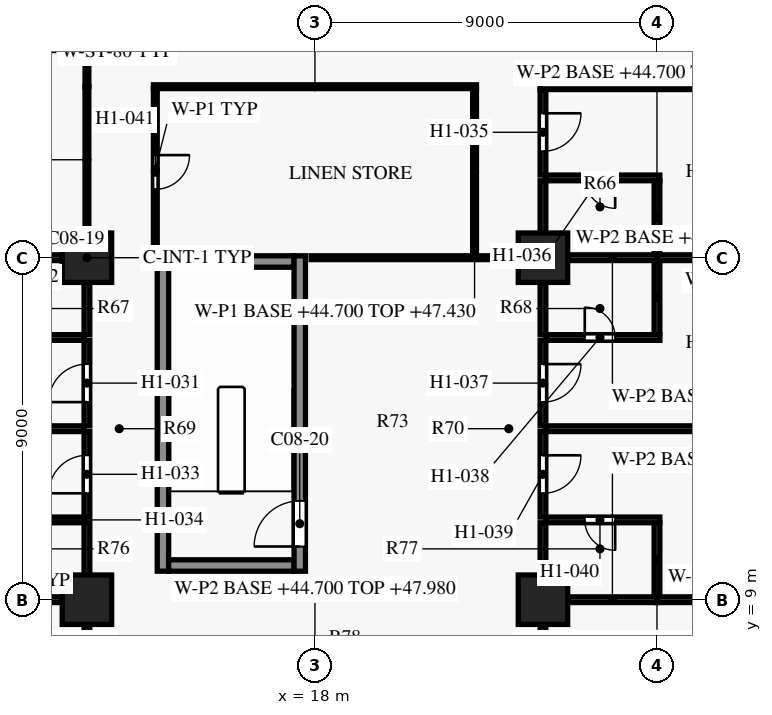
"""IFC4 building model, lengths in metres.
Left out: names, types, materials, properties, quantities, classifications, styles, units other than length and angle.
Written with IfcOpenShell. Run it as: python <this file> out.ifc"""

import sys

from ifc_helpers import new_model, si_unit, direction, frame, frame_2d, origin, origin_2d, place, context, subcontext, project, spatial, rectangle, extrude, element, fill, save


model = new_model("IFC4")
c1 = context("Model", 3, precision=1e-05, world=origin(), true_north=direction((0.0, 1.0)))
c2 = subcontext(c1, "Body", "Model", "MODEL_VIEW")
j1 = project(units=[si_unit("LENGTHUNIT", "METRE"), si_unit("PLANEANGLEUNIT", "RADIAN")], contexts=[c1])
p1 = place(None, origin())
s1 = spatial("IfcSite", under=j1, at=p1, CompositionType="ELEMENT")
p2 = place(p1, origin())
s2 = spatial("IfcBuilding", under=s1, at=p2, CompositionType="ELEMENT")
p3 = place(p2, frame((0.0, 0.0, 44.7)))
s3 = spatial("IfcBuildingStorey", under=s2, at=p3, CompositionType="ELEMENT", Elevation=44.7)
for number, where, z_axis, x_axis in (
    (1, (12.0, 9.0, 0.0), (0.0, 0.0, 1.0), (1.0, 0.0, 0.0)),
    (2, (12.0, 18.0, 0.0), (0.0, 0.0, 1.0), (1.0, 0.0, 0.0)),
    (3, (24.0, 9.0, 0.0), (0.0, 0.0, 1.0), (1.0, 0.0, 0.0)),
    (4, (24.0, 18.0, 0.0), (0.0, 0.0, 1.0), (1.0, 0.0, 0.0)),
):
    element("IfcColumn", number, at=place(p3, frame(where, z_axis=z_axis, x_axis=x_axis)), inside=s3, PredefinedType="COLUMN", context=c2, shape_type="SweptSolid", body=[
        extrude(rectangle(XDim=1.3, YDim=1.3, at=origin_2d()), origin(), (0.0, 0.0, 1.0), 3.6),
    ])
for number, where, z_axis, x_axis in (
    (5, (14.15, 9.9, 0.0), (0.0, 0.0, 1.0), (1.0, 0.0, 0.0)),
    (6, (14.15, 17.9, 0.0), (0.0, 0.0, 1.0), (1.0, 0.0, 0.0)),
):
    element("IfcWall", number, at=place(p3, frame(where, z_axis=z_axis, x_axis=x_axis)), inside=s3, PredefinedType="SHEAR", context=c2, shape_type="SweptSolid", body=[
        extrude(rectangle(XDim=3.3, YDim=0.3, at=frame_2d((1.65, 0.0))), origin(), (0.0, 0.0, 1.0), 3.3),
    ])
p4 = place(p3, frame((14.0, 9.75, 0.0), z_axis=(0.0, 0.0, 1.0), x_axis=(0.0, 1.0, 0.0)))
e7 = element("IfcWall", 7, at=p4, inside=s3, PredefinedType="SHEAR", context=c2, shape_type="SweptSolid", body=[
    extrude(rectangle(XDim=8.3, YDim=0.3, at=frame_2d((4.15, 0.0))), origin(), (0.0, 0.0, 1.0), 3.3),
])
p5 = place(p3, frame((17.6, 9.75, 0.0), z_axis=(0.0, 0.0, 1.0), x_axis=(0.0, 1.0, 0.0)))
e8 = element("IfcWall", 8, at=p5, inside=s3, PredefinedType="SHEAR", context=c2, shape_type="SweptSolid", body=[
    extrude(rectangle(XDim=8.3, YDim=0.3, at=frame_2d((4.15, 0.0))), origin(), (0.0, 0.0, 1.0), 3.3),
])
p6 = place(p5, frame((0.65, 0.0, 0.0)))
e9 = element("IfcOpeningElement", 9, at=p6, cuts=e8, PredefinedType="OPENING", context=c2, shape_type="SweptSolid", body=[
    extrude(rectangle(XDim=1.2, YDim=2.2, at=frame_2d((0.6, 1.1))), frame((0.0, 0.16, 0.0), z_axis=(0.0, -1.0, 0.0), x_axis=(1.0, 0.0, 0.0)), (0.0, 0.0, 1.0), 0.32),
])
for number, where, z_axis, x_axis in (
    (10, (12.0, 7.275, 0.0), (0.0, 0.0, 1.0), (0.0, 1.0, 0.0)),
    (11, (24.0, 8.345, 0.0), (0.0, 0.0, 1.0), (0.0, -1.0, 0.0)),
):
    element("IfcWall", number, at=place(p3, frame(where, z_axis=z_axis, x_axis=x_axis)), inside=s3, PredefinedType="PARTITIONING", context=c2, shape_type="SweptSolid", body=[
        extrude(rectangle(XDim=1.07, YDim=0.15, at=frame_2d((0.535, 0.0))), origin(), (0.0, 0.0, 1.0), 2.58),
    ])
for number, where, z_axis, x_axis in (
    (12, (11.345, 9.0, 0.0), (0.0, 0.0, 1.0), (-1.0, 0.0, 0.0)),
    (13, (27.0, 9.0, 0.0), (0.0, 0.0, 1.0), (-1.0, 0.0, 0.0)),
):
    element("IfcWall", number, at=place(p3, frame(where, z_axis=z_axis, x_axis=x_axis)), inside=s3, PredefinedType="PARTITIONING", context=c2, shape_type="SweptSolid", body=[
        extrude(rectangle(XDim=2.345, YDim=0.15, at=frame_2d((1.172, 0.0))), origin(), (0.0, 0.0, 1.0), 2.73),
    ])
p7 = place(p3, frame((34.975, 9.0, 0.0), z_axis=(0.0, 0.0, 1.0), x_axis=(-1.0, 0.0, 0.0)))
e14 = element("IfcWall", 14, at=p7, inside=s3, PredefinedType="PARTITIONING", context=c2, shape_type="SweptSolid", body=[
    extrude(rectangle(XDim=7.975, YDim=0.15, at=frame_2d((3.988, 0.0))), origin(), (0.0, 0.0, 1.0), 2.73),
])
p8 = place(p3, frame((27.0, 9.075, 0.0), z_axis=(0.0, 0.0, 1.0), x_axis=(0.0, 1.0, 0.0)))
e15 = element("IfcWall", 15, at=p8, inside=s3, PredefinedType="PARTITIONING", context=c2, shape_type="SweptSolid", body=[
    extrude(rectangle(XDim=1.95, YDim=0.15, at=frame_2d((0.975, 0.0))), origin(), (0.0, 0.0, 1.0), 2.73),
])
for number, where, z_axis, x_axis in (
    (16, (12.0, 9.655, 0.0), (0.0, 0.0, 1.0), (0.0, 1.0, 0.0)),
    (17, (24.0, 11.025, 0.0), (0.0, 0.0, 1.0), (0.0, -1.0, 0.0)),
):
    element("IfcWall", number, at=place(p3, frame(where, z_axis=z_axis, x_axis=x_axis)), inside=s3, PredefinedType="PARTITIONING", context=c2, shape_type="SweptSolid", body=[
        extrude(rectangle(XDim=1.37, YDim=0.15, at=frame_2d((0.685, 0.0))), origin(), (0.0, 0.0, 1.0), 2.58),
    ])
p9 = place(p3, frame((11.925, 11.1, 0.0), z_axis=(0.0, 0.0, 1.0), x_axis=(-1.0, 0.0, 0.0)))
e18 = element("IfcWall", 18, at=p9, inside=s3, PredefinedType="PARTITIONING", context=c2, shape_type="SweptSolid", body=[
    extrude(rectangle(XDim=3.0, YDim=0.15, at=frame_2d((1.5, 0.0))), origin(), (0.0, 0.0, 1.0), 2.58),
])
p10 = place(p9, frame((1.025, 0.0, 0.0)))
e19 = element("IfcOpeningElement", 19, at=p10, cuts=e18, PredefinedType="OPENING", context=c2, shape_type="SweptSolid", body=[
    extrude(rectangle(XDim=0.8, YDim=2.1, at=frame_2d((0.4, 1.05))), frame((0.0, 0.085, 0.0), z_axis=(0.0, -1.0, 0.0), x_axis=(1.0, 0.0, 0.0)), (0.0, 0.0, 1.0), 0.17),
])
p11 = place(p3, frame((27.075, 11.1, 0.0), z_axis=(0.0, 0.0, 1.0), x_axis=(-1.0, 0.0, 0.0)))
e20 = element("IfcWall", 20, at=p11, inside=s3, PredefinedType="PARTITIONING", context=c2, shape_type="SweptSolid", body=[
    extrude(rectangle(XDim=3.0, YDim=0.15, at=frame_2d((1.5, 0.0))), origin(), (0.0, 0.0, 1.0), 2.58),
])
p12 = place(p11, frame((1.175, 0.0, 0.0)))
e21 = element("IfcOpeningElement", 21, at=p12, cuts=e20, PredefinedType="OPENING", context=c2, shape_type="SweptSolid", body=[
    extrude(rectangle(XDim=0.8, YDim=2.1, at=frame_2d((0.4, 1.05))), frame((0.0, 0.085, 0.0), z_axis=(0.0, -1.0, 0.0), x_axis=(1.0, 0.0, 0.0)), (0.0, 0.0, 1.0), 0.17),
])
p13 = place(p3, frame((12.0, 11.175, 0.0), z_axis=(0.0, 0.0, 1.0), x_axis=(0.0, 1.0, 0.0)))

════════

Search the lines above for the string "PARTITIONING", then show every one that has it.

    element("IfcWall", number, at=place(p3, frame(where, z_axis=z_axis, x_axis=x_axis)), inside=s3, PredefinedType="PARTITIONING", context=c2, shape_type="SweptSolid", body=[
    element("IfcWall", number, at=place(p3, frame(where, z_axis=z_axis, x_axis=x_axis)), inside=s3, PredefinedType="PARTITIONING", context=c2, shape_type="SweptSolid", body=[
e14 = element("IfcWall", 14, at=p7, inside=s3, PredefinedType="PARTITIONING", context=c2, shape_type="SweptSolid", body=[
e15 = element("IfcWall", 15, at=p8, inside=s3, PredefinedType="PARTITIONING", context=c2, shape_type="SweptSolid", body=[
    element("IfcWall", number, at=place(p3, frame(where, z_axis=z_axis, x_axis=x_axis)), inside=s3, PredefinedType="PARTITIONING", context=c2, shape_type="SweptSolid", body=[
e18 = element("IfcWall", 18, at=p9, inside=s3, PredefinedType="PARTITIONING", context=c2, shape_type="SweptSolid", body=[
e20 = element("IfcWall", 20, at=p11, inside=s3, PredefinedType="PARTITIONING", context=c2, shape_type="SweptSolid", body=[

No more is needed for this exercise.